[EXERCISE DATA]
· · · ·

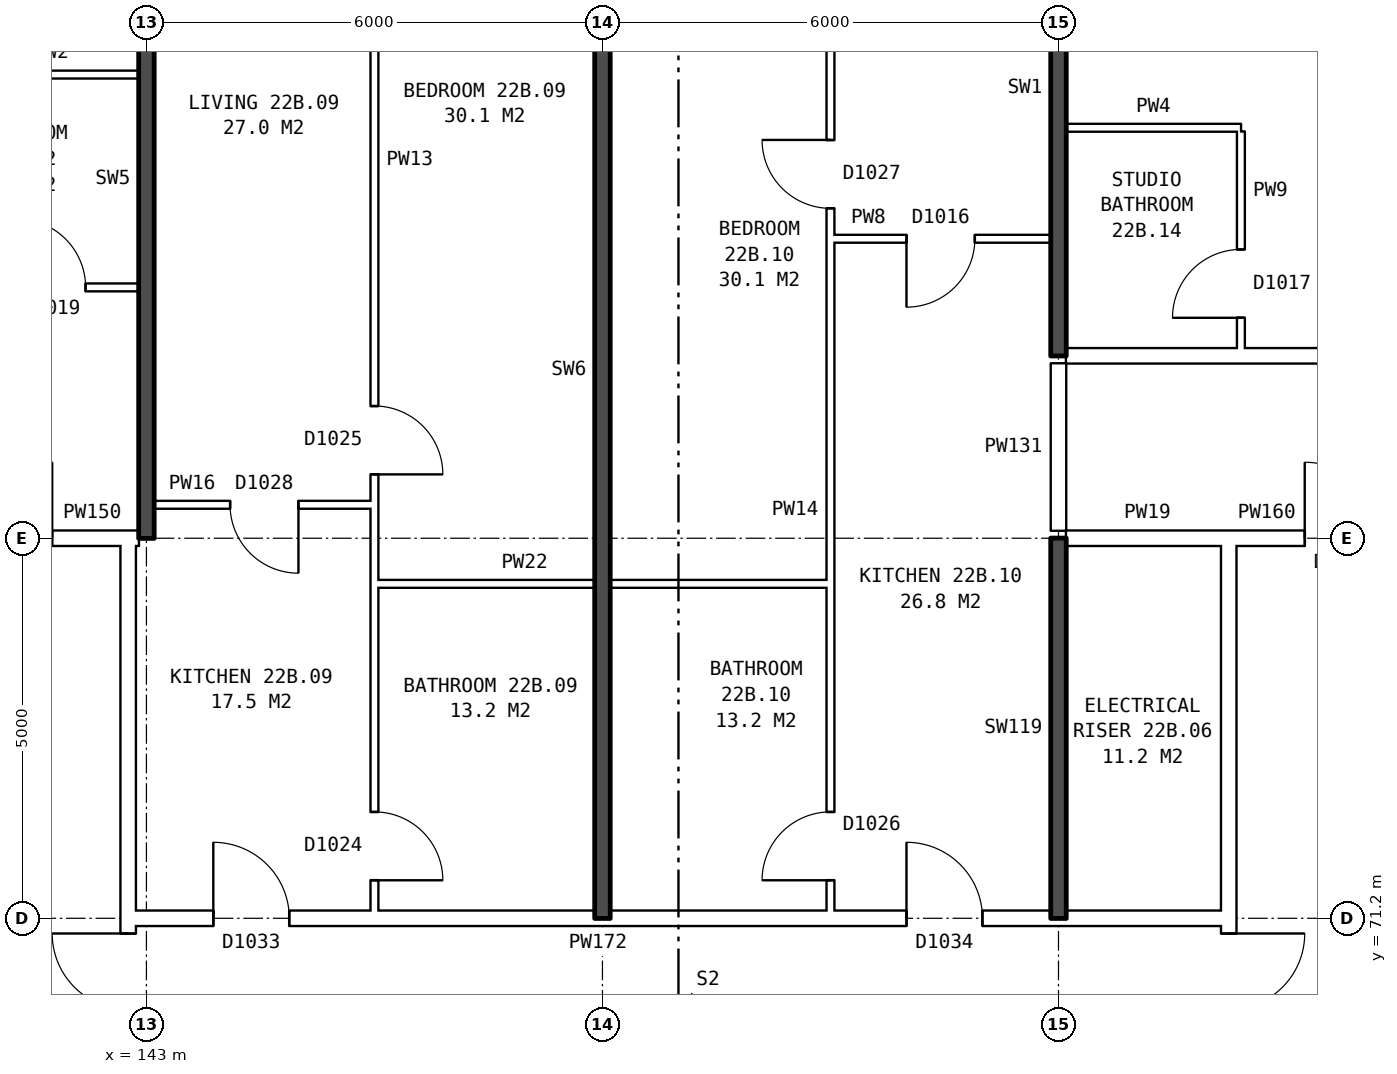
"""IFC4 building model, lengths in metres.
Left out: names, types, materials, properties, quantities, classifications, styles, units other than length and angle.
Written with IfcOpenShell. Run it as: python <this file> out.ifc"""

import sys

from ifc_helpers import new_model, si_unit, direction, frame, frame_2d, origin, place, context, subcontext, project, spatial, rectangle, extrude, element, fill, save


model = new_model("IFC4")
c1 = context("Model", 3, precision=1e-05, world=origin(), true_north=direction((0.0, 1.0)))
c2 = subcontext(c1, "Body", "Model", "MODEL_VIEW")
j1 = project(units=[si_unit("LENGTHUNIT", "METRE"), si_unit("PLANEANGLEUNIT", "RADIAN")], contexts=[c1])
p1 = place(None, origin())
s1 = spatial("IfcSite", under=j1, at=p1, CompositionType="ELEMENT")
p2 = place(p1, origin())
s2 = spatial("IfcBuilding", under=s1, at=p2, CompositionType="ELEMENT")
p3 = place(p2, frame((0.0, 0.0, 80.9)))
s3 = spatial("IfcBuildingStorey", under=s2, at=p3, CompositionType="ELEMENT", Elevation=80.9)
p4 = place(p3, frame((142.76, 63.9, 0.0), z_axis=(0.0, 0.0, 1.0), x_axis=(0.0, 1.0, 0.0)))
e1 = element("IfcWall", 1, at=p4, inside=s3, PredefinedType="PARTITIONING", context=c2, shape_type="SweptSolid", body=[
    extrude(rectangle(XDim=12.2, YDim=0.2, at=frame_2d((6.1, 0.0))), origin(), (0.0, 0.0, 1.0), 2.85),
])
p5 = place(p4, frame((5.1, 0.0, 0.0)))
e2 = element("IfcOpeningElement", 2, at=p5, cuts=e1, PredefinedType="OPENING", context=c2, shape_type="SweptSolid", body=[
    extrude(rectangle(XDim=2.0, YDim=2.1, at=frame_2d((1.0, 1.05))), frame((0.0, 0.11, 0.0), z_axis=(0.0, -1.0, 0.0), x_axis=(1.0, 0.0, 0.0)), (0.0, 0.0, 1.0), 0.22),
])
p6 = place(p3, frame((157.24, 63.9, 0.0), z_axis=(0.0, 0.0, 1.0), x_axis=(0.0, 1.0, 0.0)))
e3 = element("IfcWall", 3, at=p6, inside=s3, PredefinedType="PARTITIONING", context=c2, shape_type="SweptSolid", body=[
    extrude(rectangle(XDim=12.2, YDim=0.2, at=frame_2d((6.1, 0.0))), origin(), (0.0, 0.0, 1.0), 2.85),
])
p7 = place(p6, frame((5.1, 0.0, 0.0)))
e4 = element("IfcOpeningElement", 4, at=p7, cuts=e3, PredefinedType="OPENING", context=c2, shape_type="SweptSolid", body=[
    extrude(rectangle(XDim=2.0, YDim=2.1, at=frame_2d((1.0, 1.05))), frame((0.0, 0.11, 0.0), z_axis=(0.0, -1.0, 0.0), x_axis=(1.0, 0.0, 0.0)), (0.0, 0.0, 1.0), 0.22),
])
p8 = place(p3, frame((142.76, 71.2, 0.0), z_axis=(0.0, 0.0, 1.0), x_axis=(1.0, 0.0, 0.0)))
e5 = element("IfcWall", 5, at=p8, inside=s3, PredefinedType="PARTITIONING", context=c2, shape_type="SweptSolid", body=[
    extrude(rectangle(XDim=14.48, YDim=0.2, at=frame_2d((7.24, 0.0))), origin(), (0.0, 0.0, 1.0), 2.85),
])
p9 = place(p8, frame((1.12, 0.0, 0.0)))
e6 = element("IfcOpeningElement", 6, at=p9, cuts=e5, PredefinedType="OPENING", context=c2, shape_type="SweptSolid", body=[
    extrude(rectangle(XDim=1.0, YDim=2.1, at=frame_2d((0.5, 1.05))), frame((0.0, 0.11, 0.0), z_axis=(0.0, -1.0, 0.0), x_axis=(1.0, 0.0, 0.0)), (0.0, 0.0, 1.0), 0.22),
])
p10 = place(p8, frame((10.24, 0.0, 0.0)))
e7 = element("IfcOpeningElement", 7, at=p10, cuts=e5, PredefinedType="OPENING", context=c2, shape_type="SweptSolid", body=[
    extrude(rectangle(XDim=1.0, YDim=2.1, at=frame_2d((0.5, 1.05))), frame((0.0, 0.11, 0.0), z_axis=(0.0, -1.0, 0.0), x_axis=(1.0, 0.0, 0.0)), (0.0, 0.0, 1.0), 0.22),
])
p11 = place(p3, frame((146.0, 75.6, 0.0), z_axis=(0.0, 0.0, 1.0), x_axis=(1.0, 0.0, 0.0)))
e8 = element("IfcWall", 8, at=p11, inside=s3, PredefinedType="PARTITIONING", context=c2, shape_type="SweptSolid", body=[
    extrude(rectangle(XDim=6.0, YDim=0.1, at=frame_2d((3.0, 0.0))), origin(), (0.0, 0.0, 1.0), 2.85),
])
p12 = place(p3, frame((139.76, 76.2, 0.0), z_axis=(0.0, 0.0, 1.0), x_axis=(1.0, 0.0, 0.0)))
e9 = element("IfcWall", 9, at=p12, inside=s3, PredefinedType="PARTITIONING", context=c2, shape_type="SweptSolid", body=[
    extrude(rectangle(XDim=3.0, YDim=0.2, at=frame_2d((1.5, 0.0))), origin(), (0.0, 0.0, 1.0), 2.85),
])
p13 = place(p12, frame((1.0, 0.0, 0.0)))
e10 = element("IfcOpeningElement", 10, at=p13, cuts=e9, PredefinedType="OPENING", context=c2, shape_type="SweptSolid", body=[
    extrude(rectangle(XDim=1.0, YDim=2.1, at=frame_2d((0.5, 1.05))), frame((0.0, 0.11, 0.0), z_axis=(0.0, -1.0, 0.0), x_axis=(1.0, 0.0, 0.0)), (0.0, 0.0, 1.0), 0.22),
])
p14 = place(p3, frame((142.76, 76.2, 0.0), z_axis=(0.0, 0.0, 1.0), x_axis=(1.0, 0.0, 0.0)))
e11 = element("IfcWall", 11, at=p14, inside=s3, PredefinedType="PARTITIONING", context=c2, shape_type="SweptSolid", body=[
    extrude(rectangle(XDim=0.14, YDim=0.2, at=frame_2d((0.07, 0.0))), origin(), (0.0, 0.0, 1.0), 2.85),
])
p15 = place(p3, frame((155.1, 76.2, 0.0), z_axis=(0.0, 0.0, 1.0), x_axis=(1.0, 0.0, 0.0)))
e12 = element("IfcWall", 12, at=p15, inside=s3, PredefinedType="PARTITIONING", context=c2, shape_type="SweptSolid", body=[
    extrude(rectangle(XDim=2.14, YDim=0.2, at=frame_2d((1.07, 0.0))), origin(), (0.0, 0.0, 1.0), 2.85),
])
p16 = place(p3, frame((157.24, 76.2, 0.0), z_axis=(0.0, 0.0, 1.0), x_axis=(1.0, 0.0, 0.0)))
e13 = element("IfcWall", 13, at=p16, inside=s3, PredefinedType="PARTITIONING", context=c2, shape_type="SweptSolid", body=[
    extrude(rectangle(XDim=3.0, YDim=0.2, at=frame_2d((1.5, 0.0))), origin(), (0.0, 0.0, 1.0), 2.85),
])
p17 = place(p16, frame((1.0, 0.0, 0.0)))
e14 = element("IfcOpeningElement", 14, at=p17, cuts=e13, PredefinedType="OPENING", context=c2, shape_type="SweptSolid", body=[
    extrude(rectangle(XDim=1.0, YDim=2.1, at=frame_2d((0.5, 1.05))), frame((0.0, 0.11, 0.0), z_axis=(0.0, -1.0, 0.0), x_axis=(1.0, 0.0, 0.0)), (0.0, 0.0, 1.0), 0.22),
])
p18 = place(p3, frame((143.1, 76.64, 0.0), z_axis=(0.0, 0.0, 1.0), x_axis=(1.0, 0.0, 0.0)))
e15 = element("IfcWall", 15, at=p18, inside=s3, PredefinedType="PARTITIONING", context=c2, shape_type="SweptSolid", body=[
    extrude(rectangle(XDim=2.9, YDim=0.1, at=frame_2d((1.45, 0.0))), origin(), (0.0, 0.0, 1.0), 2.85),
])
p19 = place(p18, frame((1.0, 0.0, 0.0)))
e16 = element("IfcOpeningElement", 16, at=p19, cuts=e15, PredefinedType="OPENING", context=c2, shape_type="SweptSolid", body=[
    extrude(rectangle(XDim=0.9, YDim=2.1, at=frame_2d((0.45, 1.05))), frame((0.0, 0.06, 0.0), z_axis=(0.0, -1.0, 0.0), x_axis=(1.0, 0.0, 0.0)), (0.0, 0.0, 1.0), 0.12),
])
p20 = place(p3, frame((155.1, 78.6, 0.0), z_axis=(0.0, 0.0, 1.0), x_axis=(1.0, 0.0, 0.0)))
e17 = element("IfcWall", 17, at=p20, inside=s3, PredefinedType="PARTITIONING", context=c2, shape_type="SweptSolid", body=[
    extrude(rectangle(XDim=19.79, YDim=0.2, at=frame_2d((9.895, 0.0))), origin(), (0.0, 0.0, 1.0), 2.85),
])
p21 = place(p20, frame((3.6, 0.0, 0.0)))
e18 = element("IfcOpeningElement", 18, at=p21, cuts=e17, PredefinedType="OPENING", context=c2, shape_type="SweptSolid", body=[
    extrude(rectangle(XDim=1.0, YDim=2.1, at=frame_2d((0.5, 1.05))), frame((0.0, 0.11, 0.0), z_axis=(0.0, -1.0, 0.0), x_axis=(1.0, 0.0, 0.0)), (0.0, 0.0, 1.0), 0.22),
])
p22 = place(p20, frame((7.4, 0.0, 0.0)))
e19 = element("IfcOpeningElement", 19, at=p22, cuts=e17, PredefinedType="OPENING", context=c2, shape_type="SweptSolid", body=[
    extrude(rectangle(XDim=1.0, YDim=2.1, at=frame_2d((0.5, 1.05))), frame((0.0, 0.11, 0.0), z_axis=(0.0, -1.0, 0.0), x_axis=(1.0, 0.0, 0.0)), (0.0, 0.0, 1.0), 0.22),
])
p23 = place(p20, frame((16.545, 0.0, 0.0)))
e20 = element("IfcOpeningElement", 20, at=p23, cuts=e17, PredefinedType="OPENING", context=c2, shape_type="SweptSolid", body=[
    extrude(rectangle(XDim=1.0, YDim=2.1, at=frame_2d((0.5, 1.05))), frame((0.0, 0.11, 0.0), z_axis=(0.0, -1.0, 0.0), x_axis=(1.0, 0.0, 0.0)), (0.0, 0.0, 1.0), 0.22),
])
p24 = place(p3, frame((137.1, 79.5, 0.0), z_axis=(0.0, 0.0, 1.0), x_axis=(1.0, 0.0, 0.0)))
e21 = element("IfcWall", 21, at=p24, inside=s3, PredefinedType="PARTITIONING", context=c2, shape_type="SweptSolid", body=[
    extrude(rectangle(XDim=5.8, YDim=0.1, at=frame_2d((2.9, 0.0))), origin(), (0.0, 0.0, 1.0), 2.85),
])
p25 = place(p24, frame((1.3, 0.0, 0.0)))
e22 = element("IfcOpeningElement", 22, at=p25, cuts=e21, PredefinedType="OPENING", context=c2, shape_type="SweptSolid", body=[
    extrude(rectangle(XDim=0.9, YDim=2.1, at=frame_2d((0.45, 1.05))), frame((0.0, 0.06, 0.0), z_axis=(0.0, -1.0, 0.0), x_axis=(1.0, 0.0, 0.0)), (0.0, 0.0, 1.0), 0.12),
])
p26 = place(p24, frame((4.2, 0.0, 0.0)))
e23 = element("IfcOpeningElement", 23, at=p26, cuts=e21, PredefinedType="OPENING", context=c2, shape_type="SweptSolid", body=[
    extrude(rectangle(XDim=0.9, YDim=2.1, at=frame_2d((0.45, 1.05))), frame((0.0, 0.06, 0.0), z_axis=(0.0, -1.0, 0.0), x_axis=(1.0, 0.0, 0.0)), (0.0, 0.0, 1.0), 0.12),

· · · ·

[HOW TO COMPLETE THIS TASK] Show all lines from the records above where the word "units" occurs.

[SOLUTION]
Left out: names, types, materials, properties, quantities, classifications, styles, units other than length and angle.
j1 = project(units=[si_unit("LENGTHUNIT", "METRE"), si_unit("PLANEANGLEUNIT", "RADIAN")], contexts=[c1])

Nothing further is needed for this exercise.